→ WORK REQUEST: Read the records beneath this task and copy every line that contains the string "number".

INFORMATION SHOWN Start Marker

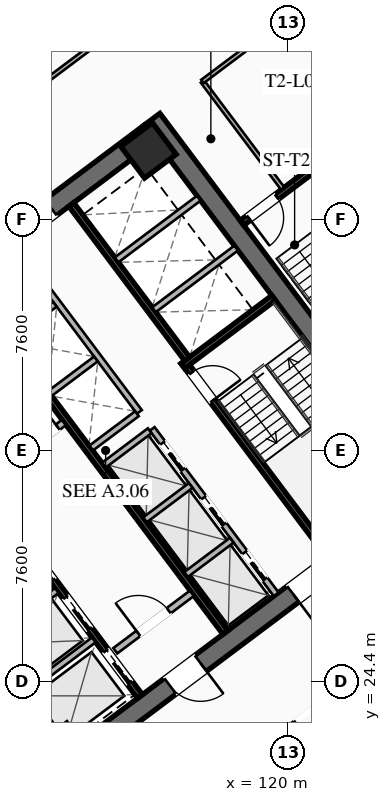
"""IFC4 building model, lengths in metres.
Left out: names, types, materials, properties, quantities, classifications, styles, units other than length and angle.
Written with IfcOpenShell. Run it as: python <this file> out.ifc"""

import sys

from ifc_helpers import new_model, si_unit, direction, frame, frame_2d, origin, origin_2d, place, context, subcontext, project, spatial, rectangle, hollow_rectangle, extrude, element, fill, save


model = new_model("IFC4")
c1 = context("Model", 3, precision=1e-05, world=origin(), true_north=direction((0.0, 1.0)))
c2 = subcontext(c1, "Body", "Model", "MODEL_VIEW")
j1 = project(units=[si_unit("LENGTHUNIT", "METRE"), si_unit("PLANEANGLEUNIT", "RADIAN")], contexts=[c1])
p1 = place(None, origin())
s1 = spatial("IfcSite", under=j1, at=p1, CompositionType="ELEMENT")
p2 = place(p1, origin())
s2 = spatial("IfcBuilding", under=s1, at=p2, CompositionType="ELEMENT")
p3 = place(p2, frame((0.0, 0.0, 31.7)))
s3 = spatial("IfcBuildingStorey", under=s2, at=p3, CompositionType="ELEMENT", Elevation=31.7)
for number, where, z_axis, x_axis in (
    (1, (112.476, 21.107, 0.0), (0.0, 0.0, 1.0), (-0.6, 0.8, 0.0)),
    (2, (115.524, 42.893, 0.0), (0.0, 0.0, 1.0), (0.6, -0.8, 0.0)),
):
    element("IfcWall", number, at=place(p3, frame(where, z_axis=z_axis, x_axis=x_axis)), inside=s3, PredefinedType="SHEAR", context=c2, shape_type="SweptSolid", body=[
        extrude(rectangle(XDim=15.6, YDim=0.65, at=frame_2d((7.8, 0.0))), origin(), (0.0, 0.0, 1.0), 3.55),
    ])
p4 = place(p3, frame((124.429, 30.478, 0.0), z_axis=(0.0, 0.0, 1.0), x_axis=(-0.799998028465, -0.600002628705, 0.0)))
e3 = element("IfcWall", 3, at=p4, inside=s3, PredefinedType="SHEAR", context=c2, shape_type="SweptSolid", body=[
    extrude(rectangle(XDim=14.86, YDim=0.65, at=frame_2d((7.43, 0.0))), origin(), (0.0, 0.0, 1.0), 3.55),
])
p5 = place(p4, frame((9.13, 0.0, 0.0)))
e4 = element("IfcOpeningElement", 4, at=p5, cuts=e3, PredefinedType="OPENING", context=c2, shape_type="SweptSolid", body=[
    extrude(rectangle(XDim=1.25, YDim=2.25, at=frame_2d((0.625, 1.125))), frame((0.0, 0.335, 0.0), z_axis=(0.0, -1.0, 0.0), x_axis=(1.0, 0.0, 0.0)), (0.0, 0.0, 1.0), 0.67),
])
p6 = place(p4, frame((4.08, 0.0, 0.0)))
e5 = element("IfcOpeningElement", 5, at=p6, cuts=e3, PredefinedType="OPENING", context=c2, shape_type="SweptSolid", body=[
    extrude(rectangle(XDim=1.25, YDim=2.25, at=frame_2d((0.625, 1.125))), frame((0.0, 0.335, 0.0), z_axis=(0.0, -1.0, 0.0), x_axis=(1.0, 0.0, 0.0)), (0.0, 0.0, 1.0), 0.67),
])
p7 = place(p3, frame((103.571, 33.522, 0.0), z_axis=(0.0, 0.0, 1.0), x_axis=(0.799998028465, 0.600002628705, 0.0)))
e6 = element("IfcWall", 6, at=p7, inside=s3, PredefinedType="SHEAR", context=c2, shape_type="SweptSolid", body=[
    extrude(rectangle(XDim=14.86, YDim=0.65, at=frame_2d((7.43, 0.0))), origin(), (0.0, 0.0, 1.0), 3.55),
])
p8 = place(p7, frame((4.48, 0.0, 0.0)))
e7 = element("IfcOpeningElement", 7, at=p8, cuts=e6, PredefinedType="OPENING", context=c2, shape_type="SweptSolid", body=[
    extrude(rectangle(XDim=1.25, YDim=2.25, at=frame_2d((0.625, 1.125))), frame((0.0, 0.335, 0.0), z_axis=(0.0, -1.0, 0.0), x_axis=(1.0, 0.0, 0.0)), (0.0, 0.0, 1.0), 0.67),
])
p9 = place(p7, frame((9.53, 0.0, 0.0)))
e8 = element("IfcOpeningElement", 8, at=p9, cuts=e6, PredefinedType="OPENING", context=c2, shape_type="SweptSolid", body=[
    extrude(rectangle(XDim=1.25, YDim=2.25, at=frame_2d((0.625, 1.125))), frame((0.0, 0.335, 0.0), z_axis=(0.0, -1.0, 0.0), x_axis=(1.0, 0.0, 0.0)), (0.0, 0.0, 1.0), 0.67),
])
p10 = place(p3, frame((115.41, 41.87, 0.0), z_axis=(0.0, 0.0, 1.0), x_axis=(0.799999996291, 0.600000004945, 0.0)))
e9 = element("IfcColumn", 9, at=p10, inside=s3, PredefinedType="COLUMN", context=c2, shape_type="SweptSolid", body=[
    extrude(hollow_rectangle(XDim=1.3, YDim=1.3, WallThickness=0.05, at=origin_2d()), origin(), (0.0, 0.0, 1.0), 3.35),
])
p11 = place(p3, frame((116.56, 34.92, 0.0), z_axis=(0.0, 0.0, 1.0), x_axis=(0.600009827119, -0.799992629566, 0.0)))
e10 = element("IfcWall", 10, at=p11, inside=s3, PredefinedType="SHEAR", context=c2, shape_type="SweptSolid", body=[
    extrude(rectangle(XDim=7.95, YDim=0.2, at=frame_2d((3.975, 0.0))), origin(), (0.0, 0.0, 1.0), 3.35),
])
p12 = place(p11, frame((0.45, 0.0, 0.0)))
e11 = element("IfcOpeningElement", 11, at=p12, cuts=e10, PredefinedType="OPENING", context=c2, shape_type="SweptSolid", body=[
    extrude(rectangle(XDim=1.15, YDim=2.2, at=frame_2d((0.575, 1.1))), frame((0.0, 0.11, 0.0), z_axis=(0.0, -1.0, 0.0), x_axis=(1.0, 0.0, 0.0)), (0.0, 0.0, 1.0), 0.22),
])
p13 = place(p3, frame((116.54, 34.78, 0.0), z_axis=(0.0, 0.0, 1.0), x_axis=(0.799984290658, 0.600020945218, 0.0)))
e12 = element("IfcWall", 12, at=p13, inside=s3, PredefinedType="SHEAR", context=c2, shape_type="SweptSolid", body=[
    extrude(rectangle(XDim=3.73, YDim=0.2, at=frame_2d((1.865, 0.0))), origin(), (0.0, 0.0, 1.0), 3.35),
])
p14 = place(p3, frame((117.938, 26.016, 0.0), z_axis=(0.0, 0.0, 1.0), x_axis=(-0.600005463273, 0.799995902516, 0.0)))
e13 = element("IfcWall", 13, at=p14, inside=s3, PredefinedType="SHEAR", context=c2, shape_type="SweptSolid", body=[
    extrude(rectangle(XDim=14.3, YDim=0.2, at=frame_2d((7.15, 0.0))), origin(), (0.0, 0.0, 1.0), 3.35),
])
p15 = place(p3, frame((110.104, 31.028, 0.0), z_axis=(0.0, 0.0, 1.0), x_axis=(0.800018601094, 0.59997519774, 0.0)))
e14 = element("IfcWall", 14, at=p15, inside=s3, PredefinedType="SOLIDWALL", context=c2, shape_type="SweptSolid", body=[
    extrude(rectangle(XDim=3.15, YDim=0.22, at=frame_2d((1.575, 0.0))), origin(), (0.0, 0.0, 1.0), 2.703),
])
p16 = place(p15, frame((0.25, 0.0, 0.0)))
e15 = element("IfcOpeningElement", 15, at=p16, cuts=e14, PredefinedType="OPENING", context=c2, shape_type="SweptSolid", body=[
    extrude(rectangle(XDim=0.95, YDim=2.05, at=frame_2d((0.475, 1.025))), frame((0.0, 0.12, 0.0), z_axis=(0.0, -1.0, 0.0), x_axis=(1.0, 0.0, 0.0)), (0.0, 0.0, 1.0), 0.24),
])
p17 = place(p15, frame((1.95, 0.0, 0.0)))
e16 = element("IfcOpeningElement", 16, at=p17, cuts=e14, PredefinedType="OPENING", context=c2, shape_type="SweptSolid", body=[
    extrude(rectangle(XDim=0.95, YDim=2.05, at=frame_2d((0.475, 1.025))), frame((0.0, 0.12, 0.0), z_axis=(0.0, -1.0, 0.0), x_axis=(1.0, 0.0, 0.0)), (0.0, 0.0, 1.0), 0.24),
])
p18 = place(p3, frame((114.316, 25.412, 0.0), z_axis=(0.0, 0.0, 1.0), x_axis=(0.800018601094, 0.59997519774, 0.0)))
e17 = element("IfcWall", 17, at=p18, inside=s3, PredefinedType="SOLIDWALL", context=c2, shape_type="SweptSolid", body=[
    extrude(rectangle(XDim=3.15, YDim=0.22, at=frame_2d((1.575, 0.0))), origin(), (0.0, 0.0, 1.0), 2.703),
])
p19 = place(p18, frame((0.95, 0.0, 0.0)))
e18 = element("IfcOpeningElement", 18, at=p19, cuts=e17, PredefinedType="OPENING", context=c2, shape_type="SweptSolid", body=[
    extrude(rectangle(XDim=1.25, YDim=2.25, at=frame_2d((0.625, 1.125))), frame((0.0, 0.12, 0.0), z_axis=(0.0, -1.0, 0.0), x_axis=(1.0, 0.0, 0.0)), (0.0, 0.0, 1.0), 0.24),
])
p20 = place(p3, frame((115.13, 23.91, 0.0), z_axis=(0.0, 0.0, 1.0), x_axis=(-0.599975393228, 0.800018454488, 0.0)))
e19 = element("IfcWall", 19, at=p20, inside=s3, PredefinedType="SHEAR", context=c2, shape_type="SweptSolid", body=[
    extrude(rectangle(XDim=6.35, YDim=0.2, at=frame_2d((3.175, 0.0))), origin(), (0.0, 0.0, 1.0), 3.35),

INFORMATION SHOWN End Marker

→ REPLY TO THE TASK:
for number, where, z_axis, x_axis in (
    element("IfcWall", number, at=place(p3, frame(where, z_axis=z_axis, x_axis=x_axis)), inside=s3, PredefinedType="SHEAR", context=c2, shape_type="SweptSolid", body=[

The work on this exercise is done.